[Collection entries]
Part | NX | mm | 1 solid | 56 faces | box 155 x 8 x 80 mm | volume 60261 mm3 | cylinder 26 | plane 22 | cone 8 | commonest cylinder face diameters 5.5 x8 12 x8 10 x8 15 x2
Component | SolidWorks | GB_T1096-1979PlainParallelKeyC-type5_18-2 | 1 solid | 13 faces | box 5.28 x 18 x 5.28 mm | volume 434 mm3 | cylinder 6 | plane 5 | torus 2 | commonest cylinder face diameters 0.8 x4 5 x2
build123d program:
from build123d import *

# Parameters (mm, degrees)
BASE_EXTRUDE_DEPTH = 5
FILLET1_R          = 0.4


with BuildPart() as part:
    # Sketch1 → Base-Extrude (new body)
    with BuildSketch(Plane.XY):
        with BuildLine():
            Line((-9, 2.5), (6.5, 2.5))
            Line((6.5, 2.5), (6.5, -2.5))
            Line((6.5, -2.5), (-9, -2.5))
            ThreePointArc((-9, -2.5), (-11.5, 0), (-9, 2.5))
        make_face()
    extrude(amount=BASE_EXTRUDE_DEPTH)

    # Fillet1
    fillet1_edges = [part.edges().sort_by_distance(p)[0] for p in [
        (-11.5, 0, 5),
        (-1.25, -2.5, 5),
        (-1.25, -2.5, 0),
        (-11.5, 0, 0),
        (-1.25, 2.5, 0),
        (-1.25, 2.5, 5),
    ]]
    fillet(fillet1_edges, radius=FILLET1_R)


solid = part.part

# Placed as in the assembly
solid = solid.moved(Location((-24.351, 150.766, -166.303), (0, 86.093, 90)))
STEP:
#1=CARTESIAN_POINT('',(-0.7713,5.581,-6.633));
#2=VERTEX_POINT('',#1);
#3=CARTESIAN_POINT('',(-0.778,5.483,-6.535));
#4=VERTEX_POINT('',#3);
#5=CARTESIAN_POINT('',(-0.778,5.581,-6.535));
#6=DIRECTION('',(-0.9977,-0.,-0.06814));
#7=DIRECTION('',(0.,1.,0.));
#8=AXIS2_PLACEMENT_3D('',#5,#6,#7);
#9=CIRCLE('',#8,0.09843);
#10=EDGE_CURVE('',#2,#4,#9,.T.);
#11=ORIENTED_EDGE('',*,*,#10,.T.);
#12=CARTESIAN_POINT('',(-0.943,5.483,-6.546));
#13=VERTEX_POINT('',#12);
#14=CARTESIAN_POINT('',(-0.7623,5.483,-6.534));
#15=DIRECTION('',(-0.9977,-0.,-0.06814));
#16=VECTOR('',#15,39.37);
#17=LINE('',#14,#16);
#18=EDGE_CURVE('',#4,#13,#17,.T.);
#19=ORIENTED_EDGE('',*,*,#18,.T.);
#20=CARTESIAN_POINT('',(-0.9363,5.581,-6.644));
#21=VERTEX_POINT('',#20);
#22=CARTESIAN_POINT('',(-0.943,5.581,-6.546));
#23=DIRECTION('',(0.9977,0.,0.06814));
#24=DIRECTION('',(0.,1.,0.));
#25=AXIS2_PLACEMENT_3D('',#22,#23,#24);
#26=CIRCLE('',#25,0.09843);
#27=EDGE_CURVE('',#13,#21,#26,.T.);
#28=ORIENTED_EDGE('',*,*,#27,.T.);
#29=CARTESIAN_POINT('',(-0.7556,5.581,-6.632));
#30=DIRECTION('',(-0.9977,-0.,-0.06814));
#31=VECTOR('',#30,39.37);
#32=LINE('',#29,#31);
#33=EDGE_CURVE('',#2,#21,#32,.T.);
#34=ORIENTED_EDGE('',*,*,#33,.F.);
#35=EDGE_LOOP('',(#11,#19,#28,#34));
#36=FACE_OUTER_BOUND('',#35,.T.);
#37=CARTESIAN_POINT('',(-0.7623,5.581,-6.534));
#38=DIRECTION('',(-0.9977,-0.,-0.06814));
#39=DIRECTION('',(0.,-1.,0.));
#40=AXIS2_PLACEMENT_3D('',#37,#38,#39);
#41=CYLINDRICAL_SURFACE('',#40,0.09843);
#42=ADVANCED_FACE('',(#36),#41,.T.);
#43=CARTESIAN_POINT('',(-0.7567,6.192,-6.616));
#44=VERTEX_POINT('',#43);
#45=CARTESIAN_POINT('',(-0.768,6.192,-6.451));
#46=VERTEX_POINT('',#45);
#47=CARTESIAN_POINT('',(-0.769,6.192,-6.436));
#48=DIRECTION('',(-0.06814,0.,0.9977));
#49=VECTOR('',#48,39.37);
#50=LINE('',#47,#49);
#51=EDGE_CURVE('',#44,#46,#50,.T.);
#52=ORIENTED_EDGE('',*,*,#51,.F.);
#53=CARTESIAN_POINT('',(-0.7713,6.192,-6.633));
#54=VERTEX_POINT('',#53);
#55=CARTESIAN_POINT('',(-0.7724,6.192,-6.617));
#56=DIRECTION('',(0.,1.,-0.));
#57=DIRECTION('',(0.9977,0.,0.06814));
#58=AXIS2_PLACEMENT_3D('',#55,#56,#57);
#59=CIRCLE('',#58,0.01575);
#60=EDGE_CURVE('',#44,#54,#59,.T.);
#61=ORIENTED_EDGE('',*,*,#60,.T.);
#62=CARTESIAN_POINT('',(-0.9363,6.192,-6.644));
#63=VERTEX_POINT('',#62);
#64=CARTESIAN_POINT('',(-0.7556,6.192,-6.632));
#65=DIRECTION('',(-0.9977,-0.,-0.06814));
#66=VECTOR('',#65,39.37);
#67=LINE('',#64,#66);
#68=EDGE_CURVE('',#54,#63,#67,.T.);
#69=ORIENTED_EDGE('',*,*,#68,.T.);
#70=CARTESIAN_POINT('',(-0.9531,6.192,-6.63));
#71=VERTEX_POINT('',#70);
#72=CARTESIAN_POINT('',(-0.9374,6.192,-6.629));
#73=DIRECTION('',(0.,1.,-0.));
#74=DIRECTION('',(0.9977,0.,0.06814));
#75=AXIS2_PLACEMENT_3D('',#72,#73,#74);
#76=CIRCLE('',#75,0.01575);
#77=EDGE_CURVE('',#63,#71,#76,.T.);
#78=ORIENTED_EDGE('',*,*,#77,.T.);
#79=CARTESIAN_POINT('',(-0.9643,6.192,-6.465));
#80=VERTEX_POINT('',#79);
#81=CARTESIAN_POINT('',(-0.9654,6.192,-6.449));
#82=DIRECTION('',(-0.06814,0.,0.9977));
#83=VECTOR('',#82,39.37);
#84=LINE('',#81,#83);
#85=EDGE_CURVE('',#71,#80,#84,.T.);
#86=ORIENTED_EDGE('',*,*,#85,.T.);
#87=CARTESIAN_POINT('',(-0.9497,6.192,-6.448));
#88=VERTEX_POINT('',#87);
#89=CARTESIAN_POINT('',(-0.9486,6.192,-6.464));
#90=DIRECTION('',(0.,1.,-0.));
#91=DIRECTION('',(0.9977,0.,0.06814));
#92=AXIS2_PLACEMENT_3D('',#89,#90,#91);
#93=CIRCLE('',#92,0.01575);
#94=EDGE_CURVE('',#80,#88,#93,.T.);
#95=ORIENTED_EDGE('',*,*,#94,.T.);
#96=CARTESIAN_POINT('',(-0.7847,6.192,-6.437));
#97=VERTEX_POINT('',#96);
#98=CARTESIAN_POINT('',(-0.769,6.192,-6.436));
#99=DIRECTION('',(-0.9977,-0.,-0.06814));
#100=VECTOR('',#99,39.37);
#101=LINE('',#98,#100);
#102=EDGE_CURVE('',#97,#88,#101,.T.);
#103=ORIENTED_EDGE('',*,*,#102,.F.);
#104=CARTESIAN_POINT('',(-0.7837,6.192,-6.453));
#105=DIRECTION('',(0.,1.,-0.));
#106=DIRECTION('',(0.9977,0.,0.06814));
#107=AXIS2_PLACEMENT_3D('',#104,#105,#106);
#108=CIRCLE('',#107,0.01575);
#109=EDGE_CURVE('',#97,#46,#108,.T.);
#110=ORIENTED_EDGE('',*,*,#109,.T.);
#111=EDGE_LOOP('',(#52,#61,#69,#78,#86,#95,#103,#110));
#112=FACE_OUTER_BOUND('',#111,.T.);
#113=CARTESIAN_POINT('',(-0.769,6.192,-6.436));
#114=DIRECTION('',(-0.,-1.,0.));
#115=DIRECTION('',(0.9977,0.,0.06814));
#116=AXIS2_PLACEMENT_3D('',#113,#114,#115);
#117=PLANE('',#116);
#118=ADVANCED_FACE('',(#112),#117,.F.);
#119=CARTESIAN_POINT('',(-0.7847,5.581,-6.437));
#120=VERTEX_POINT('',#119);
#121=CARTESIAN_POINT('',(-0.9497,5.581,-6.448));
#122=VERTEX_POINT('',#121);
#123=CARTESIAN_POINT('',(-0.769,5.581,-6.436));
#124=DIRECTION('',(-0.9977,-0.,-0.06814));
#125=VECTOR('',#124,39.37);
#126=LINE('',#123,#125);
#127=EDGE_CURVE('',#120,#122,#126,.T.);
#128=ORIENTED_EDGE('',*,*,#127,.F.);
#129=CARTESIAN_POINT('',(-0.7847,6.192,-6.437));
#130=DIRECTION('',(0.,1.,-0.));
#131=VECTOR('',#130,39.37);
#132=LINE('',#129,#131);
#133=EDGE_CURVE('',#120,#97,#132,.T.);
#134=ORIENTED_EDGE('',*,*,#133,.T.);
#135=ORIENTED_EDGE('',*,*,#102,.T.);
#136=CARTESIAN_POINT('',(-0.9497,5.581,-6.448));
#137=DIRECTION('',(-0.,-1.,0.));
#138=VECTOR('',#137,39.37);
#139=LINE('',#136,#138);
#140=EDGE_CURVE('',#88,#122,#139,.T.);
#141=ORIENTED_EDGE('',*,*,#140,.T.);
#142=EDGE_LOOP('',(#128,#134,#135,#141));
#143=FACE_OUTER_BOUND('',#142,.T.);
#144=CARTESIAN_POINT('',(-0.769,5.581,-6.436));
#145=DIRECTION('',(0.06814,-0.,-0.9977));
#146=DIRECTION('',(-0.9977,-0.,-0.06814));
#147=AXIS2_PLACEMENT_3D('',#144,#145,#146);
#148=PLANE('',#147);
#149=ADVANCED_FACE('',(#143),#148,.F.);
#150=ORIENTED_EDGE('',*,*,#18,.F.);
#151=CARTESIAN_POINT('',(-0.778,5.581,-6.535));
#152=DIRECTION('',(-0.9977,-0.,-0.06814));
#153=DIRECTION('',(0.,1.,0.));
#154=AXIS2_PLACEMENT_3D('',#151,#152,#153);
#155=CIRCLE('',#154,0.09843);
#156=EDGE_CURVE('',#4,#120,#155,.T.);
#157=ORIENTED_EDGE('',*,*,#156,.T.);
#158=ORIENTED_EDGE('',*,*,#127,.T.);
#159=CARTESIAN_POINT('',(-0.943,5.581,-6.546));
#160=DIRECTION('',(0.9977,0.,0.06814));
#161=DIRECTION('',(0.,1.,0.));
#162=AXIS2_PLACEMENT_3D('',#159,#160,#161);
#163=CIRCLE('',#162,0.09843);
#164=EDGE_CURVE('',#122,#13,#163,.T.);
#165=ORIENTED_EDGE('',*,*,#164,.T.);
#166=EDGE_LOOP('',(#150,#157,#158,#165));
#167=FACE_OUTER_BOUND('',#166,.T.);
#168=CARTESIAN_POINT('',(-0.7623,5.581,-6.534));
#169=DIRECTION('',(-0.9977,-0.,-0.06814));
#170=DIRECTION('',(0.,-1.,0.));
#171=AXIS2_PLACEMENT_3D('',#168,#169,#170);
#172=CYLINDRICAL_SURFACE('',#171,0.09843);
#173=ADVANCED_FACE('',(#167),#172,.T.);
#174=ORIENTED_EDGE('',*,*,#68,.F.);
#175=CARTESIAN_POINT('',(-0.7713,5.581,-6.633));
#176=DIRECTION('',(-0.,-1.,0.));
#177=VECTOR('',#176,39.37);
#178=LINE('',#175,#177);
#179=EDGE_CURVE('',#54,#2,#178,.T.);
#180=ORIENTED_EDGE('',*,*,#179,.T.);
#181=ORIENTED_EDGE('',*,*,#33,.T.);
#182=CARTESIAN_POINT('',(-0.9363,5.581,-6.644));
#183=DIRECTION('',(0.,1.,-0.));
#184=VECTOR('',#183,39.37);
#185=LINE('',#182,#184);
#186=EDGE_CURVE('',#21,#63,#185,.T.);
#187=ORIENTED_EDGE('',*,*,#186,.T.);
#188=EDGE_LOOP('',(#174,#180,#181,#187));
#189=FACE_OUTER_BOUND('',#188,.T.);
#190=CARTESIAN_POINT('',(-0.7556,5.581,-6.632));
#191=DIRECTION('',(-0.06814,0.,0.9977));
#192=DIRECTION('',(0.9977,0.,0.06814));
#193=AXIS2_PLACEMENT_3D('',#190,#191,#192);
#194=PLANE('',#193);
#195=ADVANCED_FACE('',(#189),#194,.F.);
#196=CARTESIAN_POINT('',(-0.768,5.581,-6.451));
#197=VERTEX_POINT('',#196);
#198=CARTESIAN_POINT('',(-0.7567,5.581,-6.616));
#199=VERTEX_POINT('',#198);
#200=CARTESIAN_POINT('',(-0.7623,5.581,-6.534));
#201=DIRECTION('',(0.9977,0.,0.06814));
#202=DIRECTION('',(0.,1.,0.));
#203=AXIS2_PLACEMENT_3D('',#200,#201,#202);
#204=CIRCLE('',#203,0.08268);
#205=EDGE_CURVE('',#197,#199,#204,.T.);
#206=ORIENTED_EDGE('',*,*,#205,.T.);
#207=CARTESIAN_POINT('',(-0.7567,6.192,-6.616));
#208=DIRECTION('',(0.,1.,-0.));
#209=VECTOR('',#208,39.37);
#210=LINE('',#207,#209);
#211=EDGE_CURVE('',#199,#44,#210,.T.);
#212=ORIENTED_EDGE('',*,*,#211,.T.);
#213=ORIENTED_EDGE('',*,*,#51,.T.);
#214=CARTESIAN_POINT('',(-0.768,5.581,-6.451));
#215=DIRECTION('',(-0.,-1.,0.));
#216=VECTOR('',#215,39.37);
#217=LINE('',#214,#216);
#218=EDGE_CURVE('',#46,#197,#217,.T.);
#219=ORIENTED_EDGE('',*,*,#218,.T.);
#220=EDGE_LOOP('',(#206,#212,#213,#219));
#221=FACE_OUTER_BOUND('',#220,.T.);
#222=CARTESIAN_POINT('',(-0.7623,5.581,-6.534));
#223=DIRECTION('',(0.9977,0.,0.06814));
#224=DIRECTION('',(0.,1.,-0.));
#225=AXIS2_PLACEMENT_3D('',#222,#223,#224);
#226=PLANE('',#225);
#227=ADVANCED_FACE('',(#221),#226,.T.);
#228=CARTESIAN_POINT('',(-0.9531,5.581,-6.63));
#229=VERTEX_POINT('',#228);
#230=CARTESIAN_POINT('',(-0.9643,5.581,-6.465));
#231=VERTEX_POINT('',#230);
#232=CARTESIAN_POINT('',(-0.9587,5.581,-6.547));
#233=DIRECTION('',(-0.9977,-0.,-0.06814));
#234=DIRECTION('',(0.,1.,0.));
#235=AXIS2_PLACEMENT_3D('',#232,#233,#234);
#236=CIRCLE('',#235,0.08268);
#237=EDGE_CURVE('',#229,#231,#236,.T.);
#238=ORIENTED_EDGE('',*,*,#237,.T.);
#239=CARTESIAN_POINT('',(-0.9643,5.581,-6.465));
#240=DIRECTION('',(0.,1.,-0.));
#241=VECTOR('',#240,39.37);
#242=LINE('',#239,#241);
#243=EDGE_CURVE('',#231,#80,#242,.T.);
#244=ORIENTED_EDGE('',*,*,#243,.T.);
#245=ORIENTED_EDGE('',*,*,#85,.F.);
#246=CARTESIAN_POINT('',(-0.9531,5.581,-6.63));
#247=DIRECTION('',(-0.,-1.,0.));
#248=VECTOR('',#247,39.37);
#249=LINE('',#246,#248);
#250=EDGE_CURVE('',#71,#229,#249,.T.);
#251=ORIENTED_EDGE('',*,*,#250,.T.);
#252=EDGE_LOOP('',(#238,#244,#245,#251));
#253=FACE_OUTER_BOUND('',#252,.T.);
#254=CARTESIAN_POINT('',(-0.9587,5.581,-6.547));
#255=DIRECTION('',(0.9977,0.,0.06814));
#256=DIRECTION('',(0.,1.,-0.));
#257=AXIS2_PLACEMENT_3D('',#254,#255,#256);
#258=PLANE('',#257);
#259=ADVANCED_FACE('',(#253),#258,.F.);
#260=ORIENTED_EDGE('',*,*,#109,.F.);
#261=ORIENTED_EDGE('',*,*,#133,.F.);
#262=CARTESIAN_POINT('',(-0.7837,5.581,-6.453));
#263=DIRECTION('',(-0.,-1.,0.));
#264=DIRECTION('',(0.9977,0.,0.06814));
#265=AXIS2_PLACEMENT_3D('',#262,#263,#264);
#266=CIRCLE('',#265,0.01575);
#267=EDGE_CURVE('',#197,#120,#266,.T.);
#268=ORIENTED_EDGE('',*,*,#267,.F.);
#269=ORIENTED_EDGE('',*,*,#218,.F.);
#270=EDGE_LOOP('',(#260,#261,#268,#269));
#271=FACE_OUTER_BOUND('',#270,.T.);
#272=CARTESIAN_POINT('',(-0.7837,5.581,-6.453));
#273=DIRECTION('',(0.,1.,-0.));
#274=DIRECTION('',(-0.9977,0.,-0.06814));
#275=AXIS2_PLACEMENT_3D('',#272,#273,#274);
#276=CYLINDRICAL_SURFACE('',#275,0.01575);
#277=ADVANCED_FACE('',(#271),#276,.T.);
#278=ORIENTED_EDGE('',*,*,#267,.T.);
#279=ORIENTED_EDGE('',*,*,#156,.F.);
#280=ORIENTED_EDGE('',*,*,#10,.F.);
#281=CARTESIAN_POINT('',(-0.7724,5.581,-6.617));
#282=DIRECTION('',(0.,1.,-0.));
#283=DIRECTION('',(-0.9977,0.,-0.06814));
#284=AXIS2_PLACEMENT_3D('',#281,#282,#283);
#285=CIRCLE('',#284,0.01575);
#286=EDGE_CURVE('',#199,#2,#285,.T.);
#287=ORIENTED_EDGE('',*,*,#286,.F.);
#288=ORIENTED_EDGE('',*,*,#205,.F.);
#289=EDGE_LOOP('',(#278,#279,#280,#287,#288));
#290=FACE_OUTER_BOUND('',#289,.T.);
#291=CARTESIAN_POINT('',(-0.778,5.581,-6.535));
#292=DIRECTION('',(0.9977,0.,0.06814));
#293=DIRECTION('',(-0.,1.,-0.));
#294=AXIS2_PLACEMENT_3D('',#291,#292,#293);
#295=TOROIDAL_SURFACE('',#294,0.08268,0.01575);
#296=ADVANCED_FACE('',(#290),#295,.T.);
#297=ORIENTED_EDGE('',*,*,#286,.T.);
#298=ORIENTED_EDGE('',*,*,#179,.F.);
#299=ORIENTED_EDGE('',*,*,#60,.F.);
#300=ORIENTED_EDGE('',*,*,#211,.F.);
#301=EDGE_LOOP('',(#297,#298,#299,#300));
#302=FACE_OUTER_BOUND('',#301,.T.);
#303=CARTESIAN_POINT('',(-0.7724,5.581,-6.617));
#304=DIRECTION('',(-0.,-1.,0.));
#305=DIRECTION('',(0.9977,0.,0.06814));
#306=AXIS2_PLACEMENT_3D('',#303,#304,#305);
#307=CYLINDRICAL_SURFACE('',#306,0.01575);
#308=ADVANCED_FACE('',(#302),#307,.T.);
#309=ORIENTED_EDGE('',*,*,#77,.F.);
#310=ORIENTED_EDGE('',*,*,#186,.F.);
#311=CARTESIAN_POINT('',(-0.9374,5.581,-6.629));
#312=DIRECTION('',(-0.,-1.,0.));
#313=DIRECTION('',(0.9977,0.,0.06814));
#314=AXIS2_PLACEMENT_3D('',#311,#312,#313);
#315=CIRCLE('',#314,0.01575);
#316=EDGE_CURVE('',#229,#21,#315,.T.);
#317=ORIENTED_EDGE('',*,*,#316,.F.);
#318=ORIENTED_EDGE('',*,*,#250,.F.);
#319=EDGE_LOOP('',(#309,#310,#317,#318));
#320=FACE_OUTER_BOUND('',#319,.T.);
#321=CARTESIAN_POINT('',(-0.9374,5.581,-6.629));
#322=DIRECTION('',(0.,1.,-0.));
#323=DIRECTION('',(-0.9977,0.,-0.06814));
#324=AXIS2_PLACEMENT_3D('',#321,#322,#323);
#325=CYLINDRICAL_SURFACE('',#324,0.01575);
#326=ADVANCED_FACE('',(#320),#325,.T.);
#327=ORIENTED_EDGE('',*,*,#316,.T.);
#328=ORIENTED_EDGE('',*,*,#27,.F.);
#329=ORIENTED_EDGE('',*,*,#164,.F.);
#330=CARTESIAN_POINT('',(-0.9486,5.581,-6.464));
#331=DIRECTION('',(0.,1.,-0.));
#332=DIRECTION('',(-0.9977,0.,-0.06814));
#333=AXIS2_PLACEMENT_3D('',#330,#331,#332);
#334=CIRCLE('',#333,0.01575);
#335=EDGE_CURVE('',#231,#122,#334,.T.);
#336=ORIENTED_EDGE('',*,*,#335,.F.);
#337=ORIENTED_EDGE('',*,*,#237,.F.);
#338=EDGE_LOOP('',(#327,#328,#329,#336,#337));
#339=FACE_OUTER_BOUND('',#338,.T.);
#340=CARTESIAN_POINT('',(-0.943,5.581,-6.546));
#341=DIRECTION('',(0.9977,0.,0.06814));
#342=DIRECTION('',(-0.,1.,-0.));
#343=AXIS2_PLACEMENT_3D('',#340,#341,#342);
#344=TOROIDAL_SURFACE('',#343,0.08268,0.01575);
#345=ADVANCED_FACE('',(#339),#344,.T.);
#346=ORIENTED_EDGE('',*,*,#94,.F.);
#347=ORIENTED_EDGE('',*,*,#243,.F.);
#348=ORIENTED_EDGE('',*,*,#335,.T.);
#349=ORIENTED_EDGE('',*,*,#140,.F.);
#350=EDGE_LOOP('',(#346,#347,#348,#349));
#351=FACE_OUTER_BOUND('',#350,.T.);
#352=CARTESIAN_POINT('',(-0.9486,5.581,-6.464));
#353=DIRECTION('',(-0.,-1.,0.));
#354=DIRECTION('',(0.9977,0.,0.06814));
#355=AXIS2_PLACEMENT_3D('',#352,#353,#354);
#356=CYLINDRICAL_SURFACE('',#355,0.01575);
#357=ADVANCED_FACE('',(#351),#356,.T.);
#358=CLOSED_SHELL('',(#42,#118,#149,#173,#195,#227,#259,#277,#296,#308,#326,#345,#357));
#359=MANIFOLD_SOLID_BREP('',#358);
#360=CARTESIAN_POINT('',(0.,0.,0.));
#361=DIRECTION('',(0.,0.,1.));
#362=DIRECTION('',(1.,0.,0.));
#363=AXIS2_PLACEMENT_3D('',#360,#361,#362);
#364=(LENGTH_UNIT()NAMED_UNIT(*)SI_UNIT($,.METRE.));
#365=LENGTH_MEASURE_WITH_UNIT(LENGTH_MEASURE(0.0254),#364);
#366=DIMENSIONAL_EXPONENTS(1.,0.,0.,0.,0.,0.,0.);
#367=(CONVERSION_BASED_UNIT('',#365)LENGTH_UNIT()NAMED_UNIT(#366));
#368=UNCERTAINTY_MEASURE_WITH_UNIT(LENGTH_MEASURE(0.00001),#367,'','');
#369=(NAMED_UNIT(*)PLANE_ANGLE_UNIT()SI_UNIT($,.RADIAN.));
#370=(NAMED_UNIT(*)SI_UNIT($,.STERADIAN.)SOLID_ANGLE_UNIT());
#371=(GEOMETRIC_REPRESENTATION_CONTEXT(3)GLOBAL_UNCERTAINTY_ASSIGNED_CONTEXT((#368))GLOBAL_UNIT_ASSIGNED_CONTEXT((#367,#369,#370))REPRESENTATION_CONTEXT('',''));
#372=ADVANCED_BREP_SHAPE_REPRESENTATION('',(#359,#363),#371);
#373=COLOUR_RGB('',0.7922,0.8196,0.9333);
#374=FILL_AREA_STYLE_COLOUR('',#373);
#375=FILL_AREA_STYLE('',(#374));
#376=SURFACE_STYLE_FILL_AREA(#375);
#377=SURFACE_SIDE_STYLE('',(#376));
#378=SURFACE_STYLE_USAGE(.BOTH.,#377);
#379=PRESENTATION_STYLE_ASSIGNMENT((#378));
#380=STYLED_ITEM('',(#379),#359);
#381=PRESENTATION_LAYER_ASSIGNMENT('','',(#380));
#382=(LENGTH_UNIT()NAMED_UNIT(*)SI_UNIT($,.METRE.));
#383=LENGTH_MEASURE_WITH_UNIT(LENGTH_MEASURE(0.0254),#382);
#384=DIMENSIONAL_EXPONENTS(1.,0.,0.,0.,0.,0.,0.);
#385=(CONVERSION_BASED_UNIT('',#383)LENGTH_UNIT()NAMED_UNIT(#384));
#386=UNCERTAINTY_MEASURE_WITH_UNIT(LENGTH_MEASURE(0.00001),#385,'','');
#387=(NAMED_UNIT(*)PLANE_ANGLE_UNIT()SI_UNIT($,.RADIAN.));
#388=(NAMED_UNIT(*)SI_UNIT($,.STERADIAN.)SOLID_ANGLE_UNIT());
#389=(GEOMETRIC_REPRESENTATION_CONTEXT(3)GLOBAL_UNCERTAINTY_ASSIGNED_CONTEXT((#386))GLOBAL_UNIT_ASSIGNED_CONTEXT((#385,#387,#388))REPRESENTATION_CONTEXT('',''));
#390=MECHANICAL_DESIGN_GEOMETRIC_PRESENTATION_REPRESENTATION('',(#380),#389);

### Exercise instructions:
Return exactly the lines above from the line that has "#187=ORIENTED_EDGE('',*,*,#186,.T.);" through the line that has "#197=VERTEX_POINT('',#196);", inclusive, and nothing else.

### Finished task:
#187=ORIENTED_EDGE('',*,*,#186,.T.);
#188=EDGE_LOOP('',(#174,#180,#181,#187));
#189=FACE_OUTER_BOUND('',#188,.T.);
#190=CARTESIAN_POINT('',(-0.7556,5.581,-6.632));
#191=DIRECTION('',(-0.06814,0.,0.9977));
#192=DIRECTION('',(0.9977,0.,0.06814));
#193=AXIS2_PLACEMENT_3D('',#190,#191,#192);
#194=PLANE('',#193);
#195=ADVANCED_FACE('',(#189),#194,.F.);
#196=CARTESIAN_POINT('',(-0.768,5.581,-6.451));
#197=VERTEX_POINT('',#196);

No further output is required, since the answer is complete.